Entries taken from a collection
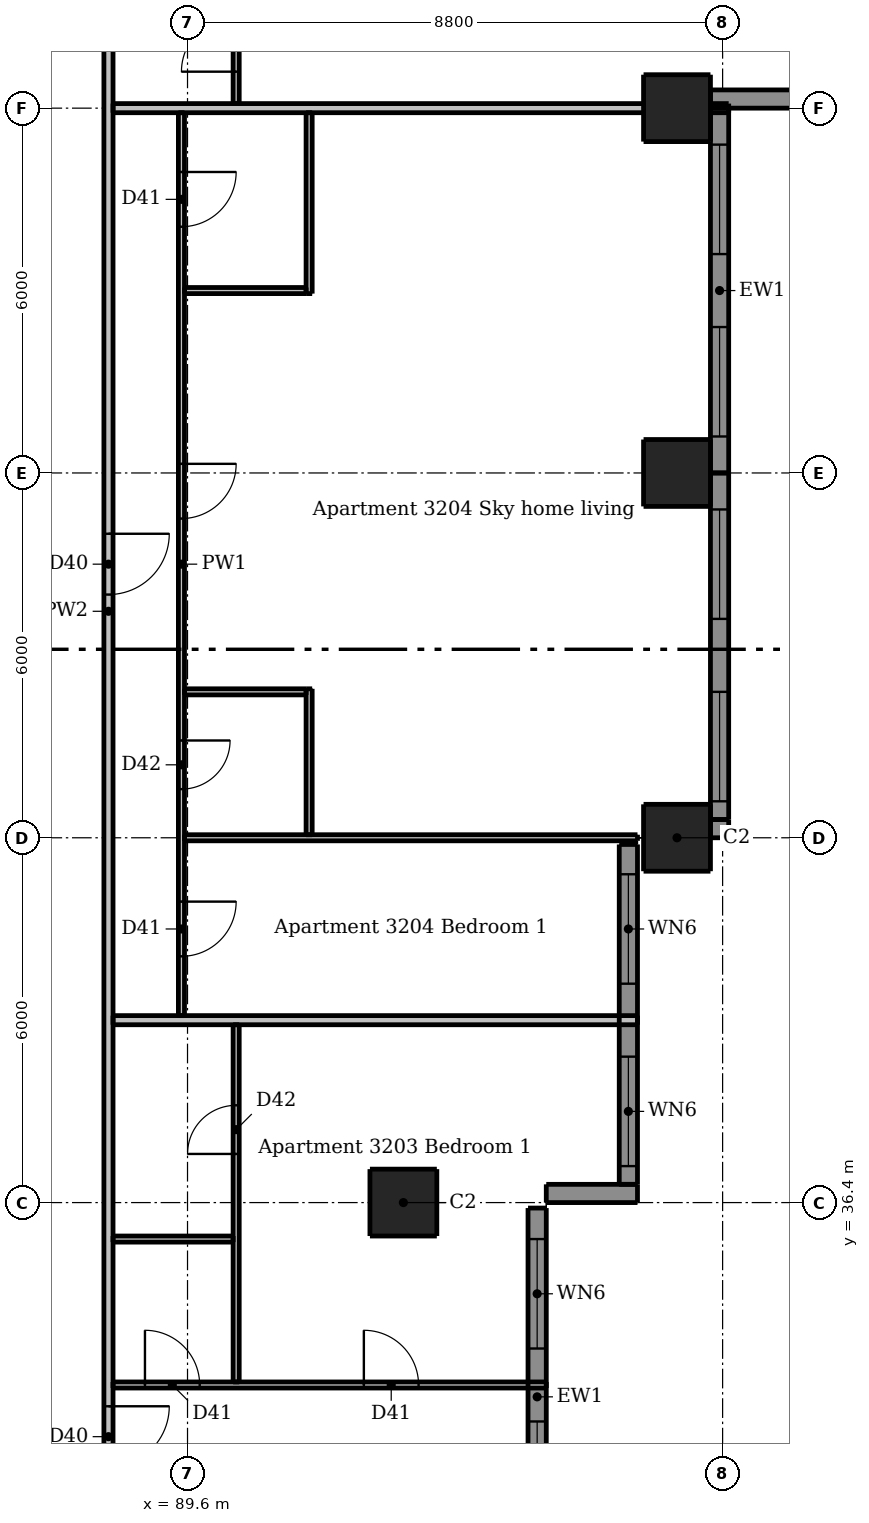
"""IFC4 building model, lengths in metres.
Left out: names, types, materials, properties, quantities, classifications, styles, units other than length and angle.
Written with IfcOpenShell. Run it as: python <this file> out.ifc"""

import sys

from ifc_helpers import new_model, si_unit, direction, frame, frame_2d, origin, origin_2d, place, context, subcontext, project, spatial, rectangle, extrude, element, fill, save


model = new_model("IFC4")
c1 = context("Model", 3, precision=1e-05, world=origin(), true_north=direction((0.0, 1.0)))
c2 = subcontext(c1, "Body", "Model", "MODEL_VIEW")
j1 = project(units=[si_unit("LENGTHUNIT", "METRE"), si_unit("PLANEANGLEUNIT", "RADIAN")], contexts=[c1])
p1 = place(None, origin())
s1 = spatial("IfcSite", under=j1, at=p1, CompositionType="ELEMENT")
p2 = place(p1, origin())
s2 = spatial("IfcBuilding", under=s1, at=p2, CompositionType="ELEMENT")
p3 = place(p2, frame((0.0, 0.0, 118.3)))
s3 = spatial("IfcBuildingStorey", under=s2, at=p3, CompositionType="ELEMENT", Elevation=118.3)
for number, where, z_axis, x_axis in (
    (1, (93.15, 36.4, 0.0), (0.0, 0.0, 1.0), (1.0, 0.0, 0.0)),
    (2, (97.65, 42.4, 0.0), (0.0, 0.0, 1.0), (1.0, 0.0, 0.0)),
    (3, (97.65, 48.4, 0.0), (0.0, 0.0, 1.0), (1.0, 0.0, 0.0)),
    (4, (97.65, 54.4, 0.0), (0.0, 0.0, 1.0), (1.0, 0.0, 0.0)),
):
    element("IfcColumn", number, at=place(p3, frame(where, z_axis=z_axis, x_axis=x_axis)), inside=s3, PredefinedType="COLUMN", context=c2, shape_type="SweptSolid", body=[
        extrude(rectangle(XDim=1.1, YDim=1.1, at=origin_2d()), origin(), (0.0, 0.0, 1.0), 3.05),
    ])
p4 = place(p3, frame((95.5, 36.55, 0.0), z_axis=(0.0, 0.0, 1.0), x_axis=(1.0, 0.0, 0.0)))
e5 = element("IfcWall", 5, at=p4, inside=s3, PredefinedType="SOLIDWALL", context=c2, shape_type="SweptSolid", body=[
    extrude(rectangle(XDim=1.5, YDim=0.3, at=frame_2d((0.75, 0.0))), origin(), (0.0, 0.0, 1.0), 3.05),
])
p5 = place(p3, frame((98.2, 42.55, 0.0), z_axis=(0.0, 0.0, 1.0), x_axis=(1.0, 0.0, 0.0)))
e6 = element("IfcWall", 6, at=p5, inside=s3, PredefinedType="SOLIDWALL", context=c2, shape_type="SweptSolid", body=[
    extrude(rectangle(XDim=0.3, YDim=0.3, at=frame_2d((0.15, 0.0))), origin(), (0.0, 0.0, 1.0), 3.05),
])
p6 = place(p3, frame((98.2, 54.55, 0.0), z_axis=(0.0, 0.0, 1.0), x_axis=(1.0, 0.0, 0.0)))
e7 = element("IfcWall", 7, at=p6, inside=s3, PredefinedType="SOLIDWALL", context=c2, shape_type="SweptSolid", body=[
    extrude(rectangle(XDim=1.8, YDim=0.3, at=frame_2d((0.9, 0.0))), origin(), (0.0, 0.0, 1.0), 3.05),
])
p7 = place(p3, frame((95.35, 30.1, 0.0), z_axis=(0.0, 0.0, 1.0), x_axis=(0.0, 1.0, 0.0)))
e8 = element("IfcWall", 8, at=p7, inside=s3, PredefinedType="SOLIDWALL", context=c2, shape_type="SweptSolid", body=[
    extrude(rectangle(XDim=6.21, YDim=0.3, at=frame_2d((3.105, 0.0))), origin(), (0.0, 0.0, 1.0), 3.05),
])
p8 = place(p7, frame((0.9, 0.0, 0.15)))
e9 = element("IfcOpeningElement", 9, at=p8, cuts=e8, PredefinedType="OPENING", context=c2, shape_type="SweptSolid", body=[
    extrude(rectangle(XDim=1.8, YDim=2.1, at=frame_2d((0.9, 1.05))), frame((0.0, 0.16, 0.0), z_axis=(0.0, -1.0, 0.0), x_axis=(1.0, 0.0, 0.0)), (0.0, 0.0, 1.0), 0.32),
])
p9 = place(p7, frame((3.9, 0.0, 0.15)))
e10 = element("IfcOpeningElement", 10, at=p9, cuts=e8, PredefinedType="OPENING", context=c2, shape_type="SweptSolid", body=[
    extrude(rectangle(XDim=1.8, YDim=2.1, at=frame_2d((0.9, 1.05))), frame((0.0, 0.16, 0.0), z_axis=(0.0, -1.0, 0.0), x_axis=(1.0, 0.0, 0.0)), (0.0, 0.0, 1.0), 0.32),
])
p10 = place(p3, frame((96.85, 36.7, 0.0), z_axis=(0.0, 0.0, 1.0), x_axis=(0.0, 1.0, 0.0)))
e11 = element("IfcWall", 11, at=p10, inside=s3, PredefinedType="SOLIDWALL", context=c2, shape_type="SweptSolid", body=[
    extrude(rectangle(XDim=5.59, YDim=0.3, at=frame_2d((2.795, 0.0))), origin(), (0.0, 0.0, 1.0), 3.05),
])
p11 = place(p10, frame((0.3, 0.0, 0.15)))
e12 = element("IfcOpeningElement", 12, at=p11, cuts=e11, PredefinedType="OPENING", context=c2, shape_type="SweptSolid", body=[
    extrude(rectangle(XDim=1.8, YDim=2.1, at=frame_2d((0.9, 1.05))), frame((0.0, 0.16, 0.0), z_axis=(0.0, -1.0, 0.0), x_axis=(1.0, 0.0, 0.0)), (0.0, 0.0, 1.0), 0.32),
])
p12 = place(p10, frame((3.3, 0.0, 0.15)))
e13 = element("IfcOpeningElement", 13, at=p12, cuts=e11, PredefinedType="OPENING", context=c2, shape_type="SweptSolid", body=[
    extrude(rectangle(XDim=1.8, YDim=2.1, at=frame_2d((0.9, 1.05))), frame((0.0, 0.16, 0.0), z_axis=(0.0, -1.0, 0.0), x_axis=(1.0, 0.0, 0.0)), (0.0, 0.0, 1.0), 0.32),
])
p13 = place(p3, frame((98.35, 42.7, 0.0), z_axis=(0.0, 0.0, 1.0), x_axis=(0.0, 1.0, 0.0)))
e14 = element("IfcWall", 14, at=p13, inside=s3, PredefinedType="SOLIDWALL", context=c2, shape_type="SweptSolid", body=[
    extrude(rectangle(XDim=5.7, YDim=0.3, at=frame_2d((2.85, 0.0))), origin(), (0.0, 0.0, 1.0), 3.05),
])
p14 = place(p13, frame((0.3, 0.0, 0.15)))
e15 = element("IfcOpeningElement", 15, at=p14, cuts=e14, PredefinedType="OPENING", context=c2, shape_type="SweptSolid", body=[
    extrude(rectangle(XDim=1.8, YDim=2.1, at=frame_2d((0.9, 1.05))), frame((0.0, 0.16, 0.0), z_axis=(0.0, -1.0, 0.0), x_axis=(1.0, 0.0, 0.0)), (0.0, 0.0, 1.0), 0.32),
])
p15 = place(p13, frame((3.3, 0.0, 0.15)))
e16 = element("IfcOpeningElement", 16, at=p15, cuts=e14, PredefinedType="OPENING", context=c2, shape_type="SweptSolid", body=[
    extrude(rectangle(XDim=1.8, YDim=2.1, at=frame_2d((0.9, 1.05))), frame((0.0, 0.16, 0.0), z_axis=(0.0, -1.0, 0.0), x_axis=(1.0, 0.0, 0.0)), (0.0, 0.0, 1.0), 0.32),
])
p16 = place(p3, frame((98.35, 48.4, 0.0), z_axis=(0.0, 0.0, 1.0), x_axis=(0.0, 1.0, 0.0)))
e17 = element("IfcWall", 17, at=p16, inside=s3, PredefinedType="SOLIDWALL", context=c2, shape_type="SweptSolid", body=[
    extrude(rectangle(XDim=6.0, YDim=0.3, at=frame_2d((3.0, 0.0))), origin(), (0.0, 0.0, 1.0), 3.05),
])
p17 = place(p16, frame((0.6, 0.0, 0.15)))
e18 = element("IfcOpeningElement", 18, at=p17, cuts=e17, PredefinedType="OPENING", context=c2, shape_type="SweptSolid", body=[
    extrude(rectangle(XDim=1.8, YDim=2.1, at=frame_2d((0.9, 1.05))), frame((0.0, 0.16, 0.0), z_axis=(0.0, -1.0, 0.0), x_axis=(1.0, 0.0, 0.0)), (0.0, 0.0, 1.0), 0.32),
])
p18 = place(p16, frame((3.6, 0.0, 0.15)))
e19 = element("IfcOpeningElement", 19, at=p18, cuts=e17, PredefinedType="OPENING", context=c2, shape_type="SweptSolid", body=[
    extrude(rectangle(XDim=1.8, YDim=2.1, at=frame_2d((0.9, 1.05))), frame((0.0, 0.16, 0.0), z_axis=(0.0, -1.0, 0.0), x_axis=(1.0, 0.0, 0.0)), (0.0, 0.0, 1.0), 0.32),
])
p19 = place(p3, frame((89.5, 54.325, 0.0), z_axis=(0.0, 0.0, 1.0), x_axis=(0.0, -1.0, 0.0)))
e20 = element("IfcWall", 20, at=p19, inside=s3, PredefinedType="PARTITIONING", context=c2, shape_type="SweptSolid", body=[
    extrude(rectangle(XDim=14.85, YDim=0.1, at=frame_2d((7.425, 0.0))), origin(), (0.0, 0.0, 1.0), 3.05),
])
p20 = place(p19, frame((5.775, 0.0, 0.0)))
e21 = element("IfcOpeningElement", 21, at=p20, cuts=e20, PredefinedType="OPENING", context=c2, shape_type="SweptSolid", body=[
    extrude(rectangle(XDim=0.9, YDim=2.1, at=frame_2d((0.45, 1.05))), frame((0.0, 0.06, 0.0), z_axis=(0.0, -1.0, 0.0), x_axis=(1.0, 0.0, 0.0)), (0.0, 0.0, 1.0), 0.12),
])
p21 = place(p19, frame((0.975, 0.0, 0.0)))
e22 = element("IfcOpeningElement", 22, at=p21, cuts=e20, PredefinedType="OPENING", context=c2, shape_type="SweptSolid", body=[
    extrude(rectangle(XDim=0.9, YDim=2.1, at=frame_2d((0.45, 1.05))), frame((0.0, 0.06, 0.0), z_axis=(0.0, -1.0, 0.0), x_axis=(1.0, 0.0, 0.0)), (0.0, 0.0, 1.0), 0.12),
])
p22 = place(p19, frame((12.975, 0.0, 0.0)))
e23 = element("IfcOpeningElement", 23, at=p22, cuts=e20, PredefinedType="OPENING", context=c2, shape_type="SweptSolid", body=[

- [To do]
Tell how many lines of the data include the word "subcontext", and nothing else.

- [Solution to the problem]
2